(Dataset records)
□ □ □ □
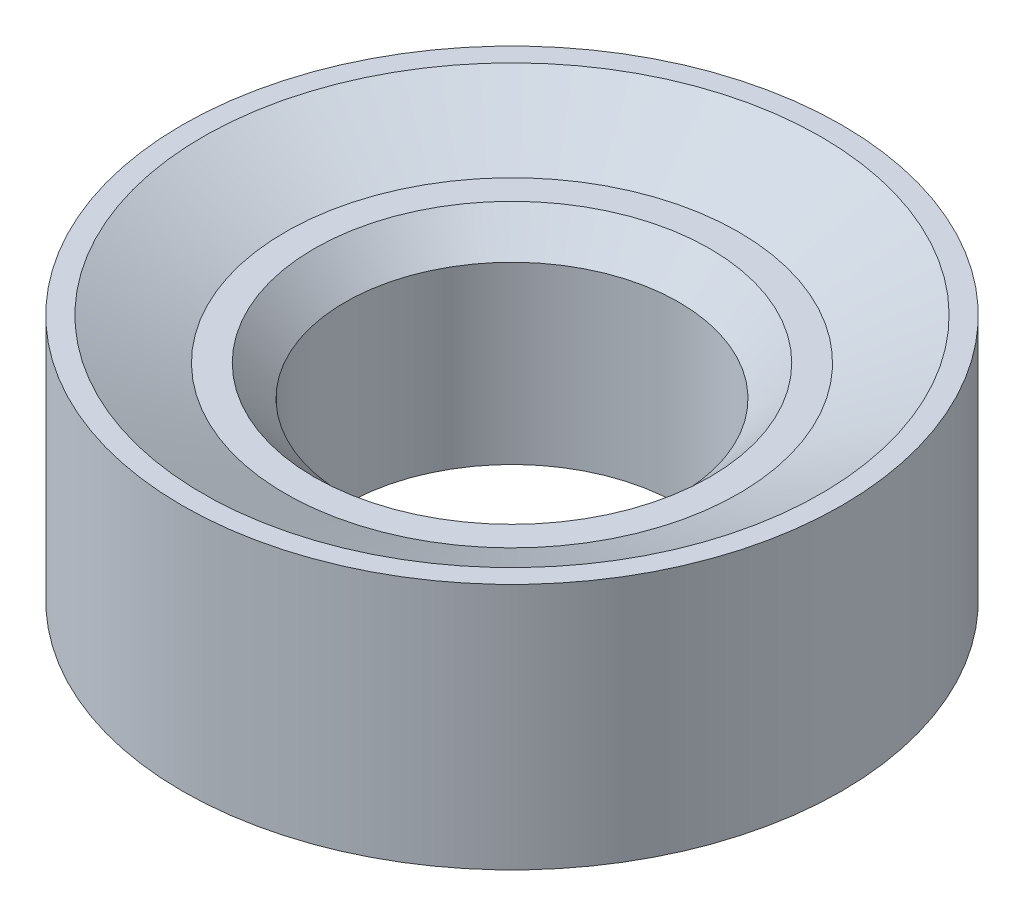
SolidWorks part; units mm, degrees
material "35#"
ref_plane "Front Plane" through (0, 0, 0) normal (0, 0, 1) x (1, 0, 0)
ref_plane "Top Plane" through (0, 0, 0) normal (0, 1, 0) x (1, 0, 0)
ref_plane "Right Plane" through (0, 0, 0) normal (1, 0, 0) x (0, 0, -1)
sketch "Sketch1" plane through (0, 0, 0) normal (0, 0, 1) x (1, 0, 0)
  line L0 (0, 0) -> (0, 30) construction
  line L1 (20, 0) -> (40, 0)
  line L2 (40, 0) -> (40, 30)
  line L3 (40, 30) -> (37.5, 30)
  line L4 (37.5, 30) -> (27.5, 25)
  line L5 (27.5, 25) -> (24, 25)
  line L7 (20, 21) -> (20, 0)
  line L8 (24, 25) -> (20, 21)
  dimension "D1" = 30
  dimension "D2" = 80
  dimension "D3" = 75
  dimension "D4" = 55
  dimension "D5" = 48
  dimension "D6" = 25
  dimension "D7" = 45
  dimension "D8" = 21
revolve "Revolve1" add sketch "Sketch1" angle 360 about L0
hole_wizard "M42X1.5 Tapped Hole1" positions "Sketch4" profile "Sketch5" tap size "M42X1.5" standard "GB"
sketch "Sketch4" plane through (0, 0, 0) normal (0, -1, 0) x (-1, 0, 0)
  point P0 (0, 0)
sketch "Sketch5" plane through (0, 0, 0) normal (1, 0, 0) x (0, 0, -1)
  line L0 (0, 0) -> (0, 100.6674)
  line L1 (0, 100.6674) -> (20.25, 88.5)
  line L2 (20.25, 88.5) -> (20.25, 0)
  line L5 (20.25, 0) -> (0, 0)
  line L10 (0, 100.6674) -> (-20.25, 88.5) construction
  line L11 (0, -6.35) -> (0, 107.95) construction
  dimension "螺纹孔钻头直径" = 40.5
  dimension "螺纹孔钻头深度" = 88.5
  dimension "导头角度" = 118
cosmetic thread "Cosmetic thread 1" parameters "D1"=84, "D2"=41.5
□ □ □ □
§ Exercise brief
Make an exact copy of the records above, one that has none of the pictures.

§ Solution for this problem
SolidWorks part; units mm, degrees
material "35#"
ref_plane "Front Plane" through (0, 0, 0) normal (0, 0, 1) x (1, 0, 0)
ref_plane "Top Plane" through (0, 0, 0) normal (0, 1, 0) x (1, 0, 0)
ref_plane "Right Plane" through (0, 0, 0) normal (1, 0, 0) x (0, 0, -1)
sketch "Sketch1" plane through (0, 0, 0) normal (0, 0, 1) x (1, 0, 0)
  line L0 (0, 0) -> (0, 30) construction
  line L1 (20, 0) -> (40, 0)
  line L2 (40, 0) -> (40, 30)
  line L3 (40, 30) -> (37.5, 30)
  line L4 (37.5, 30) -> (27.5, 25)
  line L5 (27.5, 25) -> (24, 25)
  line L7 (20, 21) -> (20, 0)
  line L8 (24, 25) -> (20, 21)
  dimension "D1" = 30
  dimension "D2" = 80
  dimension "D3" = 75
  dimension "D4" = 55
  dimension "D5" = 48
  dimension "D6" = 25
  dimension "D7" = 45
  dimension "D8" = 21
revolve "Revolve1" add sketch "Sketch1" angle 360 about L0
hole_wizard "M42X1.5 Tapped Hole1" positions "Sketch4" profile "Sketch5" tap size "M42X1.5" standard "GB"
sketch "Sketch4" plane through (0, 0, 0) normal (0, -1, 0) x (-1, 0, 0)
  point P0 (0, 0)
sketch "Sketch5" plane through (0, 0, 0) normal (1, 0, 0) x (0, 0, -1)
  line L0 (0, 0) -> (0, 100.6674)
  line L1 (0, 100.6674) -> (20.25, 88.5)
  line L2 (20.25, 88.5) -> (20.25, 0)
  line L5 (20.25, 0) -> (0, 0)
  line L10 (0, 100.6674) -> (-20.25, 88.5) construction
  line L11 (0, -6.35) -> (0, 107.95) construction
  dimension "螺纹孔钻头直径" = 40.5
  dimension "螺纹孔钻头深度" = 88.5
  dimension "导头角度" = 118
cosmetic thread "Cosmetic thread 1" parameters "D1"=84, "D2"=41.5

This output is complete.